(ASSIGNMENT): Needed from the data below: all lines that contain the word "subcontext".

====================

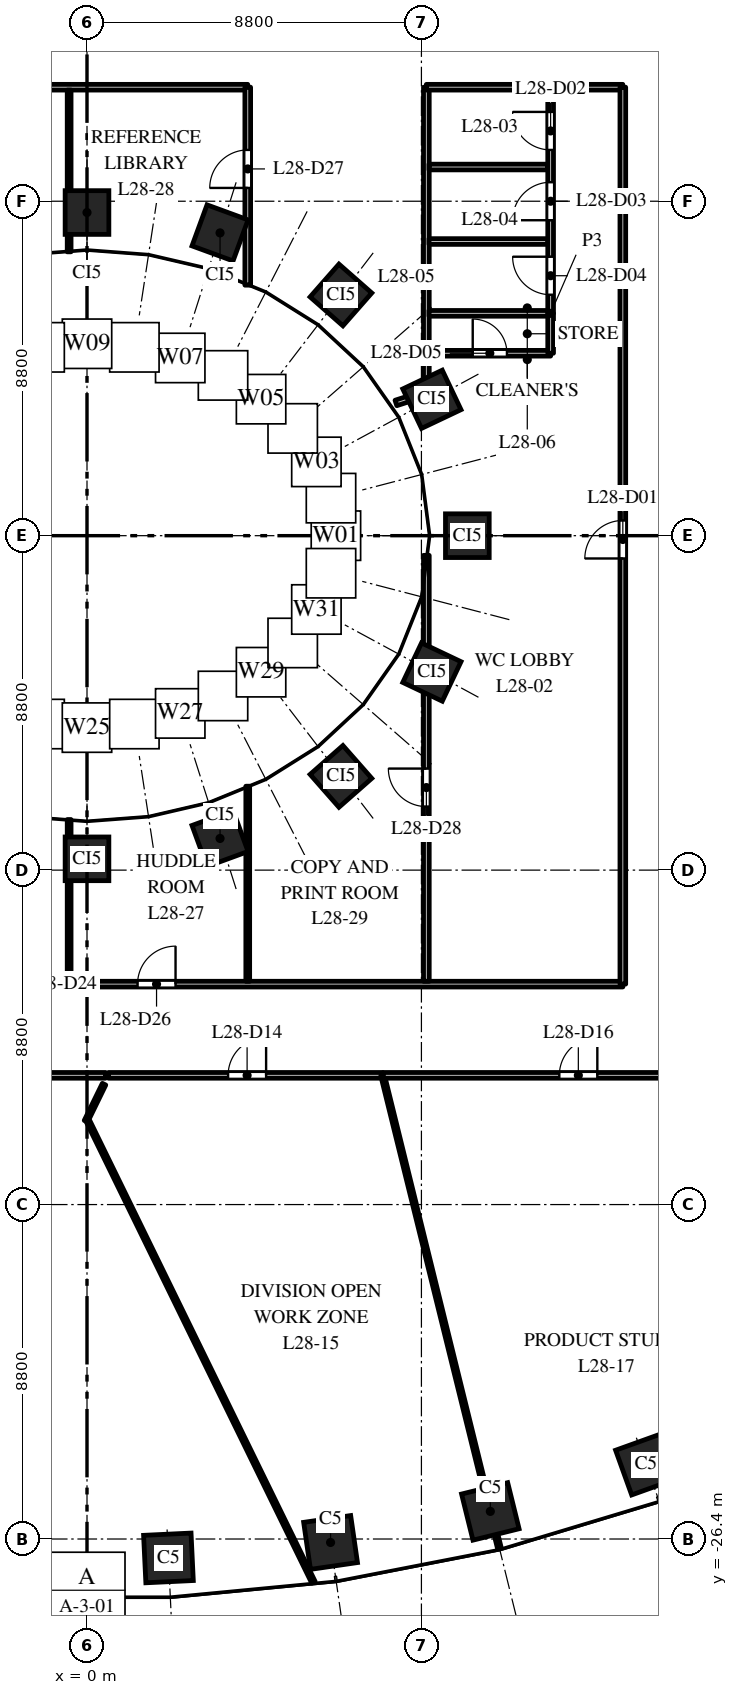
"""IFC4 building model, lengths in metres.
Left out: names, types, materials, properties, quantities, classifications, styles, units other than length and angle.
Written with IfcOpenShell. Run it as: python <this file> out.ifc"""

import sys

from ifc_helpers import new_model, si_unit, direction, frame, frame_2d, origin, origin_2d, place, context, subcontext, project, spatial, rectangle, extrude, element, fill, save


model = new_model("IFC4")
c1 = context("Model", 3, precision=1e-05, world=origin(), true_north=direction((0.0, 1.0)))
c2 = subcontext(c1, "Body", "Model", "MODEL_VIEW")
j1 = project(units=[si_unit("LENGTHUNIT", "METRE"), si_unit("PLANEANGLEUNIT", "RADIAN")], contexts=[c1])
p1 = place(None, origin())
s1 = spatial("IfcSite", under=j1, at=p1, CompositionType="ELEMENT")
p2 = place(p1, origin())
s2 = spatial("IfcBuilding", under=s1, at=p2, CompositionType="ELEMENT")
p3 = place(p2, frame((0.0, 0.0, 124.0)))
s3 = spatial("IfcBuildingStorey", under=s2, at=p3, CompositionType="ELEMENT", Elevation=124.0)
for number, where, z_axis, x_axis in (
    (1, (2.143, -26.898, 0.0), (0.0, 0.0, 1.0), (0.999, 0.048, 0.0)),
    (2, (6.409, -26.491, 0.0), (0.0, 0.0, 1.0), (0.99, 0.143, 0.0)),
    (3, (10.613, -25.674, 0.0), (0.0, 0.0, 1.0), (0.971, 0.24, 0.0)),
    (4, (14.709, -24.441, 0.0), (0.0, 0.0, 1.0), (0.941, 0.338, 0.0)),
):
    element("IfcColumn", number, at=place(p3, frame(where, z_axis=z_axis, x_axis=x_axis)), inside=s3, PredefinedType="COLUMN", context=c2, shape_type="SweptSolid", body=[
        extrude(rectangle(XDim=1.25, YDim=1.25, at=origin_2d()), origin(), (0.0, 0.0, 1.0), 4.0),
    ])
for number, where, z_axis, x_axis in (
    (5, (10.008, 0.0, 0.0), (0.0, 0.0, 1.0), (0.0, 1.0, 0.0)),
    (6, (9.076, 3.588, 0.0), (0.0, 0.0, 1.0), (-0.429, 0.903, 0.0)),
    (7, (6.682, 6.334, 0.0), (0.0, 0.0, 1.0), (-0.751, 0.66, 0.0)),
    (8, (3.501, 7.967, 0.0), (0.0, 0.0, 1.0), (-0.939, 0.344, 0.0)),
    (9, (0.0, 8.503, 0.0), (0.0, 0.0, 1.0), (-1.0, 0.0, 0.0)),
    (10, (0.0, -8.503, 0.0), (0.0, 0.0, 1.0), (1.0, 0.0, 0.0)),
    (11, (3.501, -7.967, 0.0), (0.0, 0.0, 1.0), (0.939, 0.344, 0.0)),
    (12, (6.682, -6.334, 0.0), (0.0, 0.0, 1.0), (0.751, 0.66, 0.0)),
    (13, (9.076, -3.588, 0.0), (0.0, 0.0, 1.0), (0.429, 0.903, 0.0)),
):
    element("IfcColumn", number, at=place(p3, frame(where, z_axis=z_axis, x_axis=x_axis)), inside=s3, PredefinedType="COLUMN", context=c2, shape_type="SweptSolid", body=[
        extrude(rectangle(XDim=1.15, YDim=1.15, at=origin_2d()), origin(), (0.0, 0.0, 1.0), 4.0),
    ])
p4 = place(p3, frame((-14.1, -11.8, 0.0), z_axis=(0.0, 0.0, 1.0), x_axis=(1.0, 0.0, 0.0)))
e14 = element("IfcWall", 14, at=p4, inside=s3, PredefinedType="PARTITIONING", context=c2, shape_type="SweptSolid", body=[
    extrude(rectangle(XDim=28.2, YDim=0.15, at=frame_2d((14.1, 0.0))), origin(), (0.0, 0.0, 1.0), 2.85),
])
p5 = place(p4, frame((6.03, 0.0, 0.0)))
e15 = element("IfcOpeningElement", 15, at=p5, cuts=e14, PredefinedType="OPENING", context=c2, shape_type="SweptSolid", body=[
    extrude(rectangle(XDim=1.0, YDim=2.1, at=frame_2d((0.5, 1.05))), frame((0.0, 0.085, 0.0), z_axis=(0.0, -1.0, 0.0), x_axis=(1.0, 0.0, 0.0)), (0.0, 0.0, 1.0), 0.17),
])
p6 = place(p4, frame((10.73, 0.0, 0.0)))
e16 = element("IfcOpeningElement", 16, at=p6, cuts=e14, PredefinedType="OPENING", context=c2, shape_type="SweptSolid", body=[
    extrude(rectangle(XDim=1.0, YDim=2.1, at=frame_2d((0.5, 1.05))), frame((0.0, 0.085, 0.0), z_axis=(0.0, -1.0, 0.0), x_axis=(1.0, 0.0, 0.0)), (0.0, 0.0, 1.0), 0.17),
])
p7 = place(p4, frame((15.43, 0.0, 0.0)))
e17 = element("IfcOpeningElement", 17, at=p7, cuts=e14, PredefinedType="OPENING", context=c2, shape_type="SweptSolid", body=[
    extrude(rectangle(XDim=1.0, YDim=2.1, at=frame_2d((0.5, 1.05))), frame((0.0, 0.085, 0.0), z_axis=(0.0, -1.0, 0.0), x_axis=(1.0, 0.0, 0.0)), (0.0, 0.0, 1.0), 0.17),
])
p8 = place(p3, frame((-14.1, 11.8, 0.0), z_axis=(0.0, 0.0, 1.0), x_axis=(1.0, 0.0, 0.0)))
e18 = element("IfcWall", 18, at=p8, inside=s3, PredefinedType="PARTITIONING", context=c2, shape_type="SweptSolid", body=[
    extrude(rectangle(XDim=18.33, YDim=0.15, at=frame_2d((9.165, 0.0))), origin(), (0.0, 0.0, 1.0), 2.85),
])
p9 = place(p8, frame((10.83, 0.0, 0.0)))
e19 = element("IfcOpeningElement", 19, at=p9, cuts=e18, PredefinedType="OPENING", context=c2, shape_type="SweptSolid", body=[
    extrude(rectangle(XDim=1.0, YDim=2.1, at=frame_2d((0.5, 1.05))), frame((0.0, 0.085, 0.0), z_axis=(0.0, -1.0, 0.0), x_axis=(1.0, 0.0, 0.0)), (0.0, 0.0, 1.0), 0.17),
])
p10 = place(p3, frame((-10.974, -14.2, 0.0), z_axis=(0.0, 0.0, 1.0), x_axis=(1.0, 0.0, 0.0)))
e20 = element("IfcWall", 20, at=p10, inside=s3, PredefinedType="PARTITIONING", context=c2, shape_type="SweptSolid", body=[
    extrude(rectangle(XDim=11.462, YDim=0.15, at=frame_2d((5.731, 0.0))), origin(), (0.0, 0.0, 1.0), 2.85),
])
p11 = place(p10, frame((7.913, 0.0, 0.0)))
e21 = element("IfcOpeningElement", 21, at=p11, cuts=e20, PredefinedType="OPENING", context=c2, shape_type="SweptSolid", body=[
    extrude(rectangle(XDim=1.0, YDim=2.1, at=frame_2d((0.5, 1.05))), frame((0.0, 0.085, 0.0), z_axis=(0.0, -1.0, 0.0), x_axis=(1.0, 0.0, 0.0)), (0.0, 0.0, 1.0), 0.17),
])
p12 = place(p10, frame((2.835, 0.0, 0.0)))
e22 = element("IfcOpeningElement", 22, at=p12, cuts=e20, PredefinedType="OPENING", context=c2, shape_type="SweptSolid", body=[
    extrude(rectangle(XDim=1.0, YDim=2.1, at=frame_2d((0.5, 1.05))), frame((0.0, 0.085, 0.0), z_axis=(0.0, -1.0, 0.0), x_axis=(1.0, 0.0, 0.0)), (0.0, 0.0, 1.0), 0.17),
])
for number, where, z_axis, x_axis in (
    (23, (-0.47, -11.725, 0.0), (0.0, 0.0, 1.0), (0.0, 1.0, 0.0)),
    (24, (-0.47, 7.469, 0.0), (0.0, 0.0, 1.0), (0.0, 1.0, 0.0)),
):
    element("IfcWall", number, at=place(p3, frame(where, z_axis=z_axis, x_axis=x_axis)), inside=s3, PredefinedType="PARTITIONING", context=c2, shape_type="SweptSolid", body=[
        extrude(rectangle(XDim=4.256, YDim=0.1, at=frame_2d((2.128, 0.0))), origin(), (0.0, 0.0, 1.0), 2.9),
    ])
p13 = place(p3, frame((-0.028, -15.409, 0.0), z_axis=(0.0, 0.0, 1.0), x_axis=(0.438750971543, 0.898608694021, 0.0)))
e25 = element("IfcWall", 25, at=p13, inside=s3, PredefinedType="PARTITIONING", context=c2, shape_type="SweptSolid", body=[
    extrude(rectangle(XDim=1.087, YDim=0.1, at=frame_2d((0.544, 0.0))), origin(), (0.0, 0.0, 1.0), 3.7),
])
p14 = place(p3, frame((0.028, -15.409, 0.0), z_axis=(0.0, 0.0, 1.0), x_axis=(0.439217591491, -0.898380714021, 0.0)))
e26 = element("IfcWall", 26, at=p14, inside=s3, PredefinedType="PARTITIONING", context=c2, shape_type="SweptSolid", body=[
    extrude(rectangle(XDim=13.501, YDim=0.1, at=frame_2d((6.75, 0.0))), origin(), (0.0, 0.0, 1.0), 2.9),
])
p15 = place(p3, frame((0.563, -14.2, 0.0), z_axis=(0.0, 0.0, 1.0), x_axis=(1.0, 0.0, 0.0)))
e27 = element("IfcWall", 27, at=p15, inside=s3, PredefinedType="PARTITIONING", context=c2, shape_type="SweptSolid", body=[
    extrude(rectangle(XDim=7.216, YDim=0.15, at=frame_2d((3.608, 0.0))), origin(), (0.0, 0.0, 1.0), 2.85),
])
p16 = place(p15, frame((3.15, 0.0, 0.0)))
e28 = element("IfcOpeningElement", 28, at=p16, cuts=e27, PredefinedType="OPENING", context=c2, shape_type="SweptSolid", body=[
    extrude(rectangle(XDim=1.0, YDim=2.1, at=frame_2d((0.5, 1.05))), frame((0.0, 0.085, 0.0), z_axis=(0.0, -1.0, 0.0), x_axis=(1.0, 0.0, 0.0)), (0.0, 0.0, 1.0), 0.17),
])
p17 = place(p3, frame((4.23, -11.725, 0.0), z_axis=(0.0, 0.0, 1.0), x_axis=(0.0, 1.0, 0.0)))
e29 = element("IfcWall", 29, at=p17, inside=s3, PredefinedType="PARTITIONING", context=c2, shape_type="SweptSolid", body=[
    extrude(rectangle(XDim=5.133, YDim=0.1, at=frame_2d((2.566, 0.0))), origin(), (0.0, 0.0, 1.0), 2.9),
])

====================

(ANSWER TO THE PROBLEM):
from ifc_helpers import new_model, si_unit, direction, frame, frame_2d, origin, origin_2d, place, context, subcontext, project, spatial, rectangle, extrude, element, fill, save
c2 = subcontext(c1, "Body", "Model", "MODEL_VIEW")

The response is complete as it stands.